§ TASK:
What lines of the data below hold the string "IfcColumn"? Copy each one.

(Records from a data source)
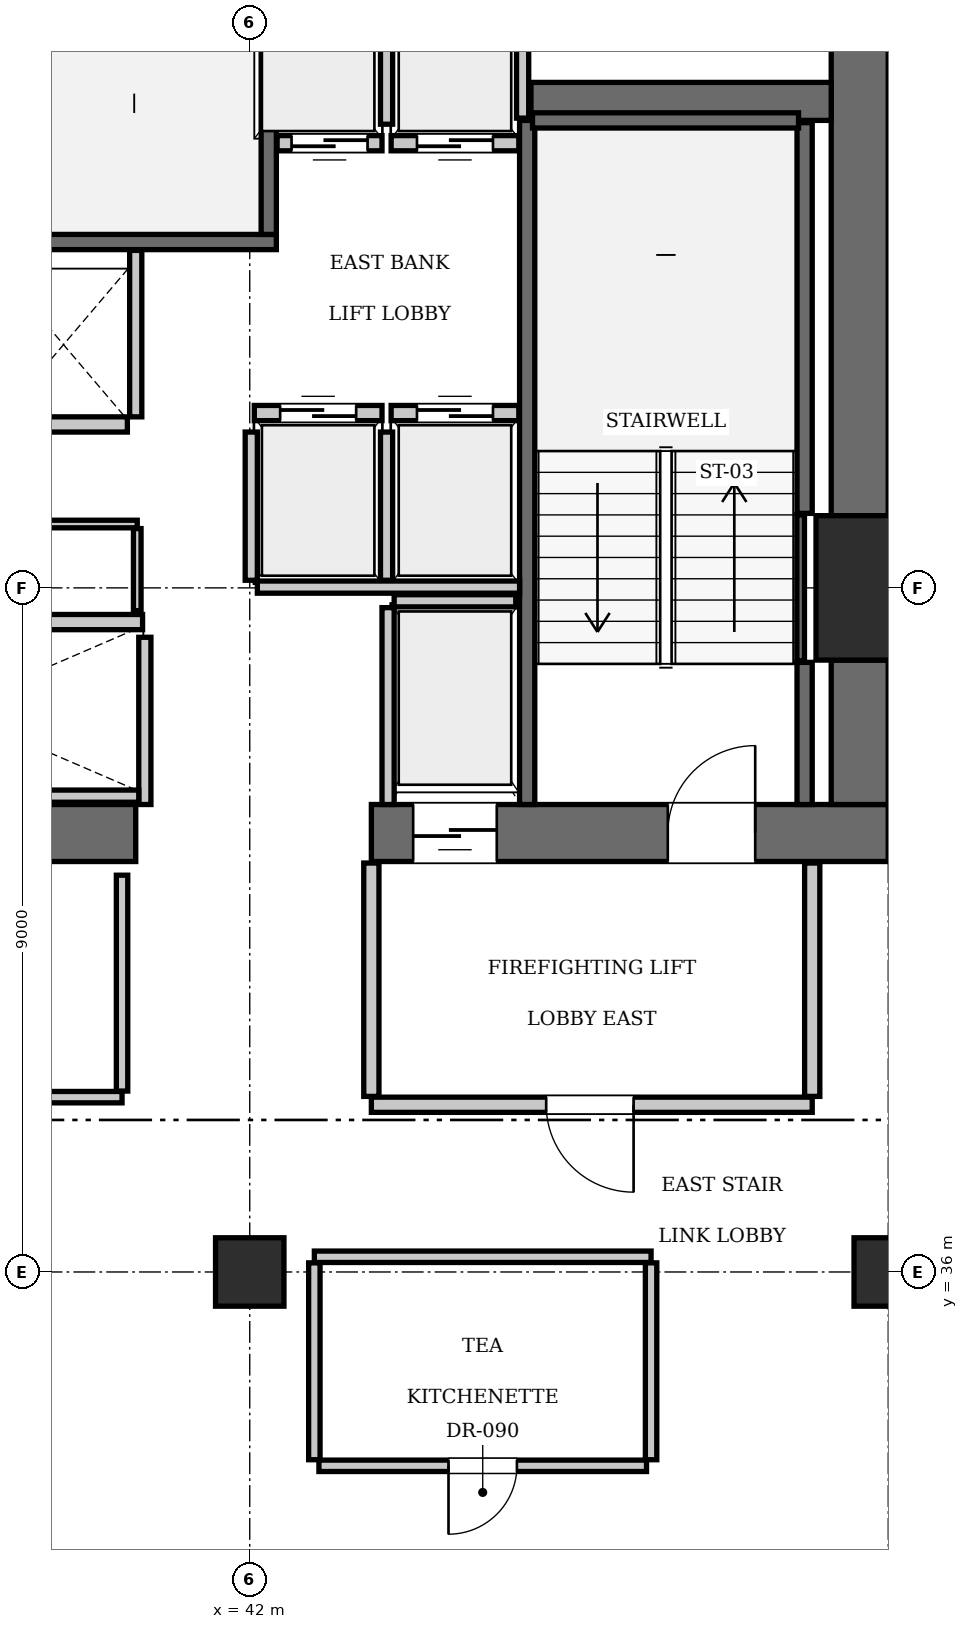
"""IFC4 building model, lengths in metres.
Left out: names, types, materials, properties, quantities, classifications, styles, units other than length and angle.
Written with IfcOpenShell. Run it as: python <this file> out.ifc"""

import sys

from ifc_helpers import new_model, si_unit, direction, frame, frame_2d, origin, origin_2d, place, context, subcontext, project, spatial, rectangle, extrude, element, fill, save


model = new_model("IFC4")
c1 = context("Model", 3, precision=1e-05, world=origin(), true_north=direction((0.0, 1.0)))
c2 = subcontext(c1, "Body", "Model", "MODEL_VIEW")
j1 = project(units=[si_unit("LENGTHUNIT", "METRE"), si_unit("PLANEANGLEUNIT", "RADIAN")], contexts=[c1])
p1 = place(None, origin())
s1 = spatial("IfcSite", under=j1, at=p1, CompositionType="ELEMENT")
p2 = place(p1, origin())
s2 = spatial("IfcBuilding", under=s1, at=p2, CompositionType="ELEMENT")
p3 = place(p2, frame((0.0, 0.0, 150.5)))
s3 = spatial("IfcBuildingStorey", under=s2, at=p3, CompositionType="ELEMENT", Elevation=150.5)
p4 = place(p3, frame((50.4, 45.0, 0.0), z_axis=(0.0, 0.0, 1.0), x_axis=(1.0, 0.0, 0.0)))
e1 = element("IfcColumn", 1, at=p4, inside=s3, PredefinedType="COLUMN", context=c2, shape_type="SweptSolid", body=[
    extrude(rectangle(XDim=1.9, YDim=1.9, at=origin_2d()), origin(), (0.0, 0.0, 1.0), 3.85),
])
p5 = place(p3, frame((35.1, 41.775, 0.0), z_axis=(0.0, 0.0, 1.0), x_axis=(1.0, 0.0, 0.0)))
e2 = element("IfcWall", 2, at=p5, inside=s3, PredefinedType="SHEAR", context=c2, shape_type="SweptSolid", body=[
    extrude(rectangle(XDim=5.4, YDim=0.75, at=frame_2d((2.7, 0.0))), origin(), (0.0, 0.0, 1.0), 3.85),
])
p6 = place(p3, frame((43.6, 41.775, 0.0), z_axis=(0.0, 0.0, 1.0), x_axis=(1.0, 0.0, 0.0)))
e3 = element("IfcWall", 3, at=p6, inside=s3, PredefinedType="SHEAR", context=c2, shape_type="SweptSolid", body=[
    extrude(rectangle(XDim=6.8, YDim=0.75, at=frame_2d((3.4, 0.0))), origin(), (0.0, 0.0, 1.0), 3.85),
])
p7 = place(p6, frame((3.9, 0.0, 0.0)))
e4 = element("IfcOpeningElement", 4, at=p7, cuts=e3, PredefinedType="OPENING", context=c2, shape_type="SweptSolid", body=[
    extrude(rectangle(XDim=1.15, YDim=2.15, at=frame_2d((0.575, 1.075))), frame((0.0, 0.385, 0.0), z_axis=(0.0, -1.0, 0.0), x_axis=(1.0, 0.0, 0.0)), (0.0, 0.0, 1.0), 0.77),
])
p8 = place(p6, frame((0.55, 0.0, 0.0)))
e5 = element("IfcOpeningElement", 5, at=p8, cuts=e3, PredefinedType="OPENING", context=c2, shape_type="SweptSolid", body=[
    extrude(rectangle(XDim=1.1, YDim=2.2, at=frame_2d((0.55, 1.1))), frame((0.0, 0.385, 0.0), z_axis=(0.0, -1.0, 0.0), x_axis=(1.0, 0.0, 0.0)), (0.0, 0.0, 1.0), 0.77),
])
p9 = place(p3, frame((50.025, 42.15, 0.0), z_axis=(0.0, 0.0, 1.0), x_axis=(0.0, 1.0, 0.0)))
e6 = element("IfcWall", 6, at=p9, inside=s3, PredefinedType="SHEAR", context=c2, shape_type="SweptSolid", body=[
    extrude(rectangle(XDim=1.9, YDim=0.75, at=frame_2d((0.95, 0.0))), origin(), (0.0, 0.0, 1.0), 3.85),
])
p10 = place(p3, frame((50.025, 45.95, 0.0), z_axis=(0.0, 0.0, 1.0), x_axis=(0.0, 1.0, 0.0)))
e7 = element("IfcWall", 7, at=p10, inside=s3, PredefinedType="SHEAR", context=c2, shape_type="SweptSolid", body=[
    extrude(rectangle(XDim=7.3, YDim=0.75, at=frame_2d((3.65, 0.0))), origin(), (0.0, 0.0, 1.0), 3.85),
])
p11 = place(p3, frame((45.7, 51.4, 0.0), z_axis=(0.0, 0.0, 1.0), x_axis=(1.0, 0.0, 0.0)))
e8 = element("IfcWall", 8, at=p11, inside=s3, PredefinedType="SHEAR", context=c2, shape_type="SweptSolid", body=[
    extrude(rectangle(XDim=3.95, YDim=0.5, at=frame_2d((1.975, 0.0))), origin(), (0.0, 0.0, 1.0), 3.85),
])
for number, where, z_axis, x_axis in (
    (9, (42.0, 36.0, 0.0), (0.0, 0.0, 1.0), (1.0, 0.0, 0.0)),
    (10, (50.4, 36.0, 0.0), (0.0, 0.0, 1.0), (1.0, 0.0, 0.0)),
):
    element("IfcColumn", number, at=place(p3, frame(where, z_axis=z_axis, x_axis=x_axis)), inside=s3, PredefinedType="COLUMN", context=c2, shape_type="SweptSolid", body=[
        extrude(rectangle(XDim=0.9, YDim=0.9, at=origin_2d()), origin(), (0.0, 0.0, 1.0), 3.85),
    ])
p12 = place(p3, frame((33.25, 49.55, 0.0), z_axis=(0.0, 0.0, 1.0), x_axis=(1.0, 0.0, 0.0)))
e11 = element("IfcWall", 11, at=p12, inside=s3, PredefinedType="SOLIDWALL", context=c2, shape_type="SweptSolid", body=[
    extrude(rectangle(XDim=9.1, YDim=0.2, at=frame_2d((4.55, 0.0))), origin(), (0.0, 0.0, 1.0), 3.61),
])
p13 = place(p3, frame((42.25, 49.65, 0.0), z_axis=(0.0, 0.0, 1.0), x_axis=(0.0, 1.0, 0.0)))
e12 = element("IfcWall", 12, at=p13, inside=s3, PredefinedType="SOLIDWALL", context=c2, shape_type="SweptSolid", body=[
    extrude(rectangle(XDim=3.6, YDim=0.2, at=frame_2d((1.8, 0.0))), origin(), (0.0, 0.0, 1.0), 3.61),
])
p14 = place(p3, frame((45.65, 42.15, 0.0), z_axis=(0.0, 0.0, 1.0), x_axis=(0.0, 1.0, 0.0)))
e13 = element("IfcWall", 13, at=p14, inside=s3, PredefinedType="SOLIDWALL", context=c2, shape_type="SweptSolid", body=[
    extrude(rectangle(XDim=9.0, YDim=0.2, at=frame_2d((4.5, 0.0))), origin(), (0.0, 0.0, 1.0), 3.61),
])
p15 = place(p3, frame((49.3, 42.15, 0.0), z_axis=(0.0, 0.0, 1.0), x_axis=(0.0, 1.0, 0.0)))
e14 = element("IfcWall", 14, at=p15, inside=s3, PredefinedType="SOLIDWALL", context=c2, shape_type="SweptSolid", body=[
    extrude(rectangle(XDim=1.87, YDim=0.2, at=frame_2d((0.935, 0.0))), origin(), (0.0, 0.0, 1.0), 3.61),
])
p16 = place(p3, frame((49.3, 45.98, 0.0), z_axis=(0.0, 0.0, 1.0), x_axis=(0.0, 1.0, 0.0)))
e15 = element("IfcWall", 15, at=p16, inside=s3, PredefinedType="SOLIDWALL", context=c2, shape_type="SweptSolid", body=[
    extrude(rectangle(XDim=5.14, YDim=0.2, at=frame_2d((2.57, 0.0))), origin(), (0.0, 0.0, 1.0), 3.61),
])
p17 = place(p3, frame((45.72, 51.15, 0.0), z_axis=(0.0, 0.0, 1.0), x_axis=(1.0, 0.0, 0.0)))
e16 = element("IfcWall", 16, at=p17, inside=s3, PredefinedType="SOLIDWALL", context=c2, shape_type="SweptSolid", body=[
    extrude(rectangle(XDim=3.5, YDim=0.2, at=frame_2d((1.75, 0.0))), origin(), (0.0, 0.0, 1.0), 3.61),
])
p18 = place(p3, frame((49.248, 44.04, 0.0), z_axis=(0.0, 0.0, 1.0), x_axis=(0.0, 1.0, 0.0)))
e17 = element("IfcWall", 17, at=p18, inside=s3, PredefinedType="SOLIDWALL", context=c2, shape_type="SweptSolid", body=[
    extrude(rectangle(XDim=1.92, YDim=0.1, at=frame_2d((0.96, 0.0))), origin(), (0.0, 0.0, 1.0), 3.61),
])
p19 = place(p3, frame((42.06, 47.3, 0.0), z_axis=(0.0, 0.0, 1.0), x_axis=(1.0, 0.0, 0.0)))
e18 = element("IfcWall", 18, at=p19, inside=s3, PredefinedType="SOLIDWALL", context=c2, shape_type="SweptSolid", body=[
    extrude(rectangle(XDim=1.68, YDim=0.2, at=frame_2d((0.84, 0.0))), origin(), (0.0, 0.0, 1.0), 3.61),
])
p20 = place(p19, frame((0.34, 0.0, 0.0)))
e19 = element("IfcOpeningElement", 19, at=p20, cuts=e18, PredefinedType="OPENING", context=c2, shape_type="SweptSolid", body=[
    extrude(rectangle(XDim=1.0, YDim=2.15, at=frame_2d((0.5, 1.075))), frame((0.0, 0.11, 0.0), z_axis=(0.0, -1.0, 0.0), x_axis=(1.0, 0.0, 0.0)), (0.0, 0.0, 1.0), 0.22),
])
p21 = place(p3, frame((43.86, 47.3, 0.0), z_axis=(0.0, 0.0, 1.0), x_axis=(1.0, 0.0, 0.0)))
e20 = element("IfcWall", 20, at=p21, inside=s3, PredefinedType="SOLIDWALL", context=c2, shape_type="SweptSolid", body=[
    extrude(rectangle(XDim=1.68, YDim=0.2, at=frame_2d((0.84, 0.0))), origin(), (0.0, 0.0, 1.0), 3.61),
])
p22 = place(p21, frame((0.34, 0.0, 0.0)))
e21 = element("IfcOpeningElement", 21, at=p22, cuts=e20, PredefinedType="OPENING", context=c2, shape_type="SweptSolid", body=[
    extrude(rectangle(XDim=1.0, YDim=2.15, at=frame_2d((0.5, 1.075))), frame((0.0, 0.11, 0.0), z_axis=(0.0, -1.0, 0.0), x_axis=(1.0, 0.0, 0.0)), (0.0, 0.0, 1.0), 0.22),
])
p23 = place(p3, frame((42.36, 50.85, 0.0), z_axis=(0.0, 0.0, 1.0), x_axis=(1.0, 0.0, 0.0)))
e22 = element("IfcWall", 22, at=p23, inside=s3, PredefinedType="SOLIDWALL", context=c2, shape_type="SweptSolid", body=[
    extrude(rectangle(XDim=1.38, YDim=0.2, at=frame_2d((0.69, 0.0))), origin(), (0.0, 0.0, 1.0), 3.61),
])
p24 = place(p23, frame((0.19, 0.0, 0.0)))
e23 = element("IfcOpeningElement", 23, at=p24, cuts=e22, PredefinedType="OPENING", context=c2, shape_type="SweptSolid", body=[
    extrude(rectangle(XDim=1.0, YDim=2.15, at=frame_2d((0.5, 1.075))), frame((0.0, 0.11, 0.0), z_axis=(0.0, -1.0, 0.0), x_axis=(1.0, 0.0, 0.0)), (0.0, 0.0, 1.0), 0.22),
])
p25 = place(p3, frame((43.86, 50.85, 0.0), z_axis=(0.0, 0.0, 1.0), x_axis=(1.0, 0.0, 0.0)))
e24 = element("IfcWall", 24, at=p25, inside=s3, PredefinedType="SOLIDWALL", context=c2, shape_type="SweptSolid", body=[
    extrude(rectangle(XDim=1.68, YDim=0.2, at=frame_2d((0.84, 0.0))), origin(), (0.0, 0.0, 1.0), 3.61),
])
p26 = place(p25, frame((0.34, 0.0, 0.0)))
e25 = element("IfcOpeningElement", 25, at=p26, cuts=e24, PredefinedType="OPENING", context=c2, shape_type="SweptSolid", body=[
    extrude(rectangle(XDim=1.0, YDim=2.15, at=frame_2d((0.5, 1.075))), frame((0.0, 0.11, 0.0), z_axis=(0.0, -1.0, 0.0), x_axis=(1.0, 0.0, 0.0)), (0.0, 0.0, 1.0), 0.22),
])
p27 = place(p3, frame((38.91, 44.55, 0.0), z_axis=(0.0, 0.0, 1.0), x_axis=(1.0, 0.0, 0.0)))
e26 = element("IfcWall", 26, at=p27, inside=s3, PredefinedType="SOLIDWALL", context=c2, shape_type="SweptSolid", body=[
    extrude(rectangle(XDim=1.68, YDim=0.2, at=frame_2d((0.84, 0.0))), origin(), (0.0, 0.0, 1.0), 3.61),
])
p28 = place(p3, frame((38.71, 47.15, 0.0), z_axis=(0.0, 0.0, 1.0), x_axis=(1.0, 0.0, 0.0)))
e27 = element("IfcWall", 27, at=p28, inside=s3, PredefinedType="SOLIDWALL", context=c2, shape_type="SweptSolid", body=[
    extrude(rectangle(XDim=1.68, YDim=0.2, at=frame_2d((0.84, 0.0))), origin(), (0.0, 0.0, 1.0), 3.61),
])
p29 = place(p3, frame((43.9, 44.83, 0.0), z_axis=(0.0, 0.0, 1.0), x_axis=(1.0, 0.0, 0.0)))
e28 = element("IfcWall", 28, at=p29, inside=s3, PredefinedType="SOLIDWALL", context=c2, shape_type="SweptSolid", body=[
    extrude(rectangle(XDim=1.6, YDim=0.16, at=frame_2d((0.8, 0.0))), origin(), (0.0, 0.0, 1.0), 3.61),
])
p30 = place(p3, frame((43.82, 42.15, 0.0), z_axis=(0.0, 0.0, 1.0), x_axis=(0.0, 1.0, 0.0)))
e29 = element("IfcWall", 29, at=p30, inside=s3, PredefinedType="SOLIDWALL", context=c2, shape_type="SweptSolid", body=[
    extrude(rectangle(XDim=2.59, YDim=0.16, at=frame_2d((1.295, 0.0))), origin(), (0.0, 0.0, 1.0), 3.61),
])
for number, where, z_axis, x_axis in (
    (30, (42.02, 45.1, 0.0), (0.0, 0.0, 1.0), (0.0, 1.0, 0.0)),
    (31, (43.8, 45.1, 0.0), (0.0, 0.0, 1.0), (0.0, 1.0, 0.0)),
):
    element("IfcWall", number, at=place(p3, frame(where, z_axis=z_axis, x_axis=x_axis)), inside=s3, PredefinedType="SOLIDWALL", context=c2, shape_type="SweptSolid", body=[
        extrude(rectangle(XDim=1.95, YDim=0.16, at=frame_2d((0.975, 0.0))), origin(), (0.0, 0.0, 1.0), 3.61),
    ])
p31 = place(p3, frame((42.1, 45.01, 0.0), z_axis=(0.0, 0.0, 1.0), x_axis=(1.0, 0.0, 0.0)))
e32 = element("IfcWall", 32, at=p31, inside=s3, PredefinedType="SOLIDWALL", context=c2, shape_type="SweptSolid", body=[
    extrude(rectangle(XDim=3.45, YDim=0.16, at=frame_2d((1.725, 0.0))), origin(), (0.0, 0.0, 1.0), 3.61),
])
p32 = place(p3, frame((45.59, 51.18, 0.0), z_axis=(0.0, 0.0, 1.0), x_axis=(0.0, 1.0, 0.0)))
e33 = element("IfcWall", 33, at=p32, inside=s3, PredefinedType="SOLIDWALL", context=c2, shape_type="SweptSolid", body=[
    extrude(rectangle(XDim=2.07, YDim=0.16, at=frame_2d((1.035, 0.0))), origin(), (0.0, 0.0, 1.0), 3.61),
])
p33 = place(p3, frame((43.8, 51.1, 0.0), z_axis=(0.0, 0.0, 1.0), x_axis=(0.0, 1.0, 0.0)))
e34 = element("IfcWall", 34, at=p33, inside=s3, PredefinedType="SOLIDWALL", context=c2, shape_type="SweptSolid", body=[
    extrude(rectangle(XDim=2.15, YDim=0.16, at=frame_2d((1.075, 0.0))), origin(), (0.0, 0.0, 1.0), 3.61),
])
p34 = place(p3, frame((40.62, 42.15, 0.0), z_axis=(0.0, 0.0, 1.0), x_axis=(0.0, 1.0, 0.0)))
e35 = element("IfcWall", 35, at=p34, inside=s3, PredefinedType="SOLIDWALL", context=c2, shape_type="SweptSolid", body=[
    extrude(rectangle(XDim=2.2, YDim=0.16, at=frame_2d((1.1, 0.0))), origin(), (0.0, 0.0, 1.0), 3.61),
])
p35 = place(p3, frame((35.52, 42.26, 0.0), z_axis=(0.0, 0.0, 1.0), x_axis=(1.0, 0.0, 0.0)))
e36 = element("IfcWall", 36, at=p35, inside=s3, PredefinedType="SOLIDWALL", context=c2, shape_type="SweptSolid", body=[
    extrude(rectangle(XDim=5.02, YDim=0.16, at=frame_2d((2.51, 0.0))), origin(), (0.0, 0.0, 1.0), 3.61),
])
p36 = place(p3, frame((40.5, 47.25, 0.0), z_axis=(0.0, 0.0, 1.0), x_axis=(0.0, 1.0, 0.0)))
e37 = element("IfcWall", 37, at=p36, inside=s3, PredefinedType="SOLIDWALL", context=c2, shape_type="SweptSolid", body=[
    extrude(rectangle(XDim=2.19, YDim=0.16, at=frame_2d((1.095, 0.0))), origin(), (0.0, 0.0, 1.0), 3.61),
])
p37 = place(p3, frame((43.6, 38.2, 0.0), z_axis=(0.0, 0.0, 1.0), x_axis=(1.0, 0.0, 0.0)))
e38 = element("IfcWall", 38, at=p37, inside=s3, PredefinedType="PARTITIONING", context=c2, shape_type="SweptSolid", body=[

§ RESULT BELOW:
e1 = element("IfcColumn", 1, at=p4, inside=s3, PredefinedType="COLUMN", context=c2, shape_type="SweptSolid", body=[
    element("IfcColumn", number, at=place(p3, frame(where, z_axis=z_axis, x_axis=x_axis)), inside=s3, PredefinedType="COLUMN", context=c2, shape_type="SweptSolid", body=[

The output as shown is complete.